**What the exercise asks**
Find the word "units" in the records below. List each line containing it.

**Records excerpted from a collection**
☆ ☆ ☆
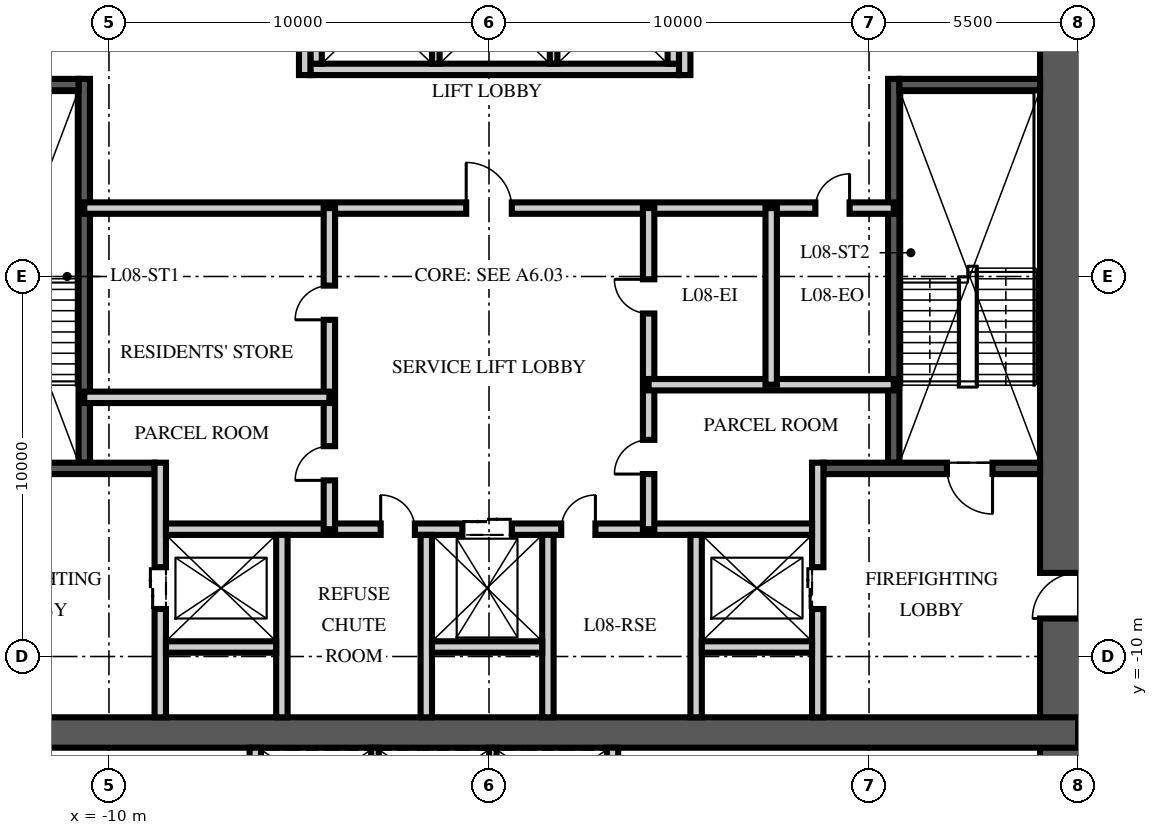
"""IFC4 building model, lengths in metres.
Left out: names, types, materials, properties, quantities, classifications, styles, units other than length and angle.
Written with IfcOpenShell. Run it as: python <this file> out.ifc"""

import sys

from ifc_helpers import new_model, si_unit, direction, frame, frame_2d, origin, place, context, subcontext, project, spatial, rectangle, extrude, element, fill, save


model = new_model("IFC4")
c1 = context("Model", 3, precision=1e-05, world=origin(), true_north=direction((0.0, 1.0)))
c2 = subcontext(c1, "Body", "Model", "MODEL_VIEW")
j1 = project(units=[si_unit("LENGTHUNIT", "METRE"), si_unit("PLANEANGLEUNIT", "RADIAN")], contexts=[c1])
p1 = place(None, origin())
s1 = spatial("IfcSite", under=j1, at=p1, CompositionType="ELEMENT")
p2 = place(p1, origin())
s2 = spatial("IfcBuilding", under=s1, at=p2, CompositionType="ELEMENT")
p3 = place(p2, frame((0.0, 0.0, 36.0)))
s3 = spatial("IfcBuildingStorey", under=s2, at=p3, CompositionType="ELEMENT", Elevation=36.0)
p4 = place(p3, frame((15.5, -15.5, -0.25), z_axis=(0.0, 0.0, 1.0), x_axis=(0.0, 1.0, 0.0)))
e1 = element("IfcWall", 1, at=p4, inside=s3, PredefinedType="SHEAR", context=c2, shape_type="SweptSolid", body=[
    extrude(rectangle(XDim=31.0, YDim=2.0, at=frame_2d((15.5, 0.0))), origin(), (0.0, 0.0, 1.0), 3.75),
])
p5 = place(p4, frame((6.5, 0.0, 0.25)))
e2 = element("IfcOpeningElement", 2, at=p5, cuts=e1, PredefinedType="OPENING", context=c2, shape_type="SweptSolid", body=[
    extrude(rectangle(XDim=1.2, YDim=2.1, at=frame_2d((0.6, 1.05))), frame((0.0, 1.01, 0.0), z_axis=(0.0, -1.0, 0.0), x_axis=(1.0, 0.0, 0.0)), (0.0, 0.0, 1.0), 2.02),
])
p6 = place(p4, frame((23.0, 0.0, 0.25)))
e3 = element("IfcOpeningElement", 3, at=p6, cuts=e1, PredefinedType="OPENING", context=c2, shape_type="SweptSolid", body=[
    extrude(rectangle(XDim=1.8, YDim=2.1, at=frame_2d((0.9, 1.05))), frame((0.0, 1.01, 0.0), z_axis=(0.0, -1.0, 0.0), x_axis=(1.0, 0.0, 0.0)), (0.0, 0.0, 1.0), 2.02),
])
p7 = place(p3, frame((-15.5, -12.0, -0.25), z_axis=(0.0, 0.0, 1.0), x_axis=(1.0, 0.0, 0.0)))
e4 = element("IfcWall", 4, at=p7, inside=s3, PredefinedType="SHEAR", context=c2, shape_type="SweptSolid", body=[
    extrude(rectangle(XDim=31.0, YDim=0.8, at=frame_2d((15.5, 0.0))), origin(), (0.0, 0.0, 1.0), 3.75),
])
p8 = place(p3, frame((-10.65, -4.9, 0.0), z_axis=(0.0, 0.0, 1.0), x_axis=(0.0, 1.0, 0.0)))
e5 = element("IfcWall", 5, at=p8, inside=s3, PredefinedType="SOLIDWALL", context=c2, shape_type="SweptSolid", body=[
    extrude(rectangle(XDim=10.1, YDim=0.3, at=frame_2d((5.05, 0.0))), origin(), (0.0, 0.0, 1.0), 3.5),
])
p9 = place(p3, frame((-14.5, -5.05, 0.0), z_axis=(0.0, 0.0, 1.0), x_axis=(1.0, 0.0, 0.0)))
e6 = element("IfcWall", 6, at=p9, inside=s3, PredefinedType="SOLIDWALL", context=c2, shape_type="SweptSolid", body=[
    extrude(rectangle(XDim=5.7, YDim=0.3, at=frame_2d((2.85, 0.0))), origin(), (0.0, 0.0, 1.0), 3.5),
])
p10 = place(p9, frame((1.25, 0.0, 0.0)))
e7 = element("IfcOpeningElement", 7, at=p10, cuts=e6, PredefinedType="OPENING", context=c2, shape_type="SweptSolid", body=[
    extrude(rectangle(XDim=1.2, YDim=2.1, at=frame_2d((0.6, 1.05))), frame((0.0, 0.16, 0.0), z_axis=(0.0, -1.0, 0.0), x_axis=(1.0, 0.0, 0.0)), (0.0, 0.0, 1.0), 0.32),
])
p11 = place(p3, frame((-14.5, 5.05, 0.0), z_axis=(0.0, 0.0, 1.0), x_axis=(1.0, 0.0, 0.0)))
e8 = element("IfcWall", 8, at=p11, inside=s3, PredefinedType="SOLIDWALL", context=c2, shape_type="SweptSolid", body=[
    extrude(rectangle(XDim=3.7, YDim=0.3, at=frame_2d((1.85, 0.0))), origin(), (0.0, 0.0, 1.0), 3.5),
])
p12 = place(p3, frame((-8.65, -11.6, 0.0), z_axis=(0.0, 0.0, 1.0), x_axis=(0.0, 1.0, 0.0)))
e9 = element("IfcWall", 9, at=p12, inside=s3, PredefinedType="PARTITIONING", context=c2, shape_type="SweptSolid", body=[
    extrude(rectangle(XDim=6.7, YDim=0.3, at=frame_2d((3.35, 0.0))), origin(), (0.0, 0.0, 1.0), 3.5),
])
p13 = place(p12, frame((2.85, 0.0, 0.0)))
e10 = element("IfcOpeningElement", 10, at=p13, cuts=e9, PredefinedType="OPENING", context=c2, shape_type="SweptSolid", body=[
    extrude(rectangle(XDim=1.1, YDim=2.1, at=frame_2d((0.55, 1.05))), frame((0.0, 0.16, 0.0), z_axis=(0.0, -1.0, 0.0), x_axis=(1.0, 0.0, 0.0)), (0.0, 0.0, 1.0), 0.32),
])
p14 = place(p3, frame((10.65, -4.9, 0.0), z_axis=(0.0, 0.0, 1.0), x_axis=(0.0, 1.0, 0.0)))
e11 = element("IfcWall", 11, at=p14, inside=s3, PredefinedType="SOLIDWALL", context=c2, shape_type="SweptSolid", body=[
    extrude(rectangle(XDim=10.1, YDim=0.3, at=frame_2d((5.05, 0.0))), origin(), (0.0, 0.0, 1.0), 3.5),
])
p15 = place(p3, frame((14.5, -5.05, 0.0), z_axis=(0.0, 0.0, 1.0), x_axis=(-1.0, 0.0, 0.0)))
e12 = element("IfcWall", 12, at=p15, inside=s3, PredefinedType="SOLIDWALL", context=c2, shape_type="SweptSolid", body=[
    extrude(rectangle(XDim=5.7, YDim=0.3, at=frame_2d((2.85, 0.0))), origin(), (0.0, 0.0, 1.0), 3.5),
])
p16 = place(p15, frame((1.25, 0.0, 0.0)))
e13 = element("IfcOpeningElement", 13, at=p16, cuts=e12, PredefinedType="OPENING", context=c2, shape_type="SweptSolid", body=[
    extrude(rectangle(XDim=1.2, YDim=2.1, at=frame_2d((0.6, 1.05))), frame((0.0, 0.16, 0.0), z_axis=(0.0, -1.0, 0.0), x_axis=(1.0, 0.0, 0.0)), (0.0, 0.0, 1.0), 0.32),
])
p17 = place(p3, frame((14.5, 5.05, 0.0), z_axis=(0.0, 0.0, 1.0), x_axis=(-1.0, 0.0, 0.0)))
e14 = element("IfcWall", 14, at=p17, inside=s3, PredefinedType="SOLIDWALL", context=c2, shape_type="SweptSolid", body=[
    extrude(rectangle(XDim=3.7, YDim=0.3, at=frame_2d((1.85, 0.0))), origin(), (0.0, 0.0, 1.0), 3.5),
])
p18 = place(p3, frame((8.65, -11.6, 0.0), z_axis=(0.0, 0.0, 1.0), x_axis=(0.0, 1.0, 0.0)))
e15 = element("IfcWall", 15, at=p18, inside=s3, PredefinedType="PARTITIONING", context=c2, shape_type="SweptSolid", body=[
    extrude(rectangle(XDim=6.7, YDim=0.3, at=frame_2d((3.35, 0.0))), origin(), (0.0, 0.0, 1.0), 3.5),
])
p19 = place(p18, frame((2.85, 0.0, 0.0)))
e16 = element("IfcOpeningElement", 16, at=p19, cuts=e15, PredefinedType="OPENING", context=c2, shape_type="SweptSolid", body=[
    extrude(rectangle(XDim=1.1, YDim=2.1, at=frame_2d((0.55, 1.05))), frame((0.0, 0.16, 0.0), z_axis=(0.0, -1.0, 0.0), x_axis=(1.0, 0.0, 0.0)), (0.0, 0.0, 1.0), 0.32),
])
p20 = place(p3, frame((-8.5, -6.65, 0.0), z_axis=(0.0, 0.0, 1.0), x_axis=(1.0, 0.0, 0.0)))
e17 = element("IfcWall", 17, at=p20, inside=s3, PredefinedType="PARTITIONING", context=c2, shape_type="SweptSolid", body=[
    extrude(rectangle(XDim=17.0, YDim=0.3, at=frame_2d((8.5, 0.0))), origin(), (0.0, 0.0, 1.0), 3.5),
])
p21 = place(p20, frame((7.8, 0.0, 0.0)))
e18 = element("IfcOpeningElement", 18, at=p21, cuts=e17, PredefinedType="OPENING", context=c2, shape_type="SweptSolid", body=[
    extrude(rectangle(XDim=1.3, YDim=2.4, at=frame_2d((0.65, 1.2))), frame((0.0, 0.16, 0.0), z_axis=(0.0, -1.0, 0.0), x_axis=(1.0, 0.0, 0.0)), (0.0, 0.0, 1.0), 0.32),
])
p22 = place(p20, frame((5.65, 0.0, 0.0)))
e19 = element("IfcOpeningElement", 19, at=p22, cuts=e17, PredefinedType="OPENING", context=c2, shape_type="SweptSolid", body=[
    extrude(rectangle(XDim=0.9, YDim=2.1, at=frame_2d((0.45, 1.05))), frame((0.0, 0.16, 0.0), z_axis=(0.0, -1.0, 0.0), x_axis=(1.0, 0.0, 0.0)), (0.0, 0.0, 1.0), 0.32),
])
p23 = place(p20, frame((10.4, 0.0, 0.0)))
e20 = element("IfcOpeningElement", 20, at=p23, cuts=e17, PredefinedType="OPENING", context=c2, shape_type="SweptSolid", body=[
    extrude(rectangle(XDim=0.9, YDim=2.1, at=frame_2d((0.45, 1.05))), frame((0.0, 0.16, 0.0), z_axis=(0.0, -1.0, 0.0), x_axis=(1.0, 0.0, 0.0)), (0.0, 0.0, 1.0), 0.32),
])
for number, where, z_axis, x_axis in (
    (21, (-5.45, -11.6, 0.0), (0.0, 0.0, 1.0), (0.0, 1.0, 0.0)),
    (22, (-1.65, -11.6, 0.0), (0.0, 0.0, 1.0), (0.0, 1.0, 0.0)),
    (23, (1.55, -11.6, 0.0), (0.0, 0.0, 1.0), (0.0, 1.0, 0.0)),
    (24, (5.45, -11.6, 0.0), (0.0, 0.0, 1.0), (0.0, 1.0, 0.0)),
):
    element("IfcWall", number, at=place(p3, frame(where, z_axis=z_axis, x_axis=x_axis)), inside=s3, PredefinedType="PARTITIONING", context=c2, shape_type="SweptSolid", body=[
        extrude(rectangle(XDim=4.8, YDim=0.3, at=frame_2d((2.4, 0.0))), origin(), (0.0, 0.0, 1.0), 3.5),
    ])
for number, where, z_axis, x_axis in (
    (25, (-8.5, -9.75, 0.0), (0.0, 0.0, 1.0), (1.0, 0.0, 0.0)),
    (26, (-1.5, -9.75, 0.0), (0.0, 0.0, 1.0), (1.0, 0.0, 0.0)),
    (27, (5.6, -9.75, 0.0), (0.0, 0.0, 1.0), (1.0, 0.0, 0.0)),
):
    element("IfcWall", number, at=place(p3, frame(where, z_axis=z_axis, x_axis=x_axis)), inside=s3, PredefinedType="PARTITIONING", context=c2, shape_type="SweptSolid", body=[
        extrude(rectangle(XDim=2.9, YDim=0.3, at=frame_2d((1.45, 0.0))), origin(), (0.0, 0.0, 1.0), 3.5),
    ])
p24 = place(p3, frame((-4.7, 5.45, 0.0), z_axis=(0.0, 0.0, 1.0), x_axis=(1.0, 0.0, 0.0)))
e28 = element("IfcWall", 28, at=p24, inside=s3, PredefinedType="PARTITIONING", context=c2, shape_type="SweptSolid", body=[
    extrude(rectangle(XDim=9.7, YDim=0.3, at=frame_2d((4.85, 0.0))), origin(), (0.0, 0.0, 1.0), 3.5),
])
for number, where, z_axis, x_axis in (
    (29, (-4.55, 5.6, 0.0), (0.0, 0.0, 1.0), (0.0, 1.0, 0.0)),
    (30, (4.85, 5.6, 0.0), (0.0, 0.0, 1.0), (0.0, 1.0, 0.0)),
):
    element("IfcWall", number, at=place(p3, frame(where, z_axis=z_axis, x_axis=x_axis)), inside=s3, PredefinedType="PARTITIONING", context=c2, shape_type="SweptSolid", body=[
        extrude(rectangle(XDim=2.8, YDim=0.3, at=frame_2d((1.4, 0.0))), origin(), (0.0, 0.0, 1.0), 3.5),
    ])
for number, where, z_axis, x_axis in (
    (31, (-1.4, 5.6, 0.0), (0.0, 0.0, 1.0), (0.0, 1.0, 0.0)),
    (32, (1.7, 5.6, 0.0), (0.0, 0.0, 1.0), (0.0, 1.0, 0.0)),
):
    element("IfcWall", number, at=place(p3, frame(where, z_axis=z_axis, x_axis=x_axis)), inside=s3, PredefinedType="PARTITIONING", context=c2, shape_type="SweptSolid", body=[
        extrude(rectangle(XDim=2.8, YDim=0.2, at=frame_2d((1.4, 0.0))), origin(), (0.0, 0.0, 1.0), 3.5),
    ])
for number, where, z_axis, x_axis in (
    (33, (-6.15, -14.5, 0.0), (0.0, 0.0, 1.0), (0.0, 1.0, 0.0)),
    (34, (3.25, -14.5, 0.0), (0.0, 0.0, 1.0), (0.0, 1.0, 0.0)),
):
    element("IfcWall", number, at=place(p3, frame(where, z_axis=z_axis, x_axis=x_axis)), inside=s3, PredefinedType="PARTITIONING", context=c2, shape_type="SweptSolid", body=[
☆ ☆ ☆
**Response to the exercise**
Left out: names, types, materials, properties, quantities, classifications, styles, units other than length and angle.
j1 = project(units=[si_unit("LENGTHUNIT", "METRE"), si_unit("PLANEANGLEUNIT", "RADIAN")], contexts=[c1])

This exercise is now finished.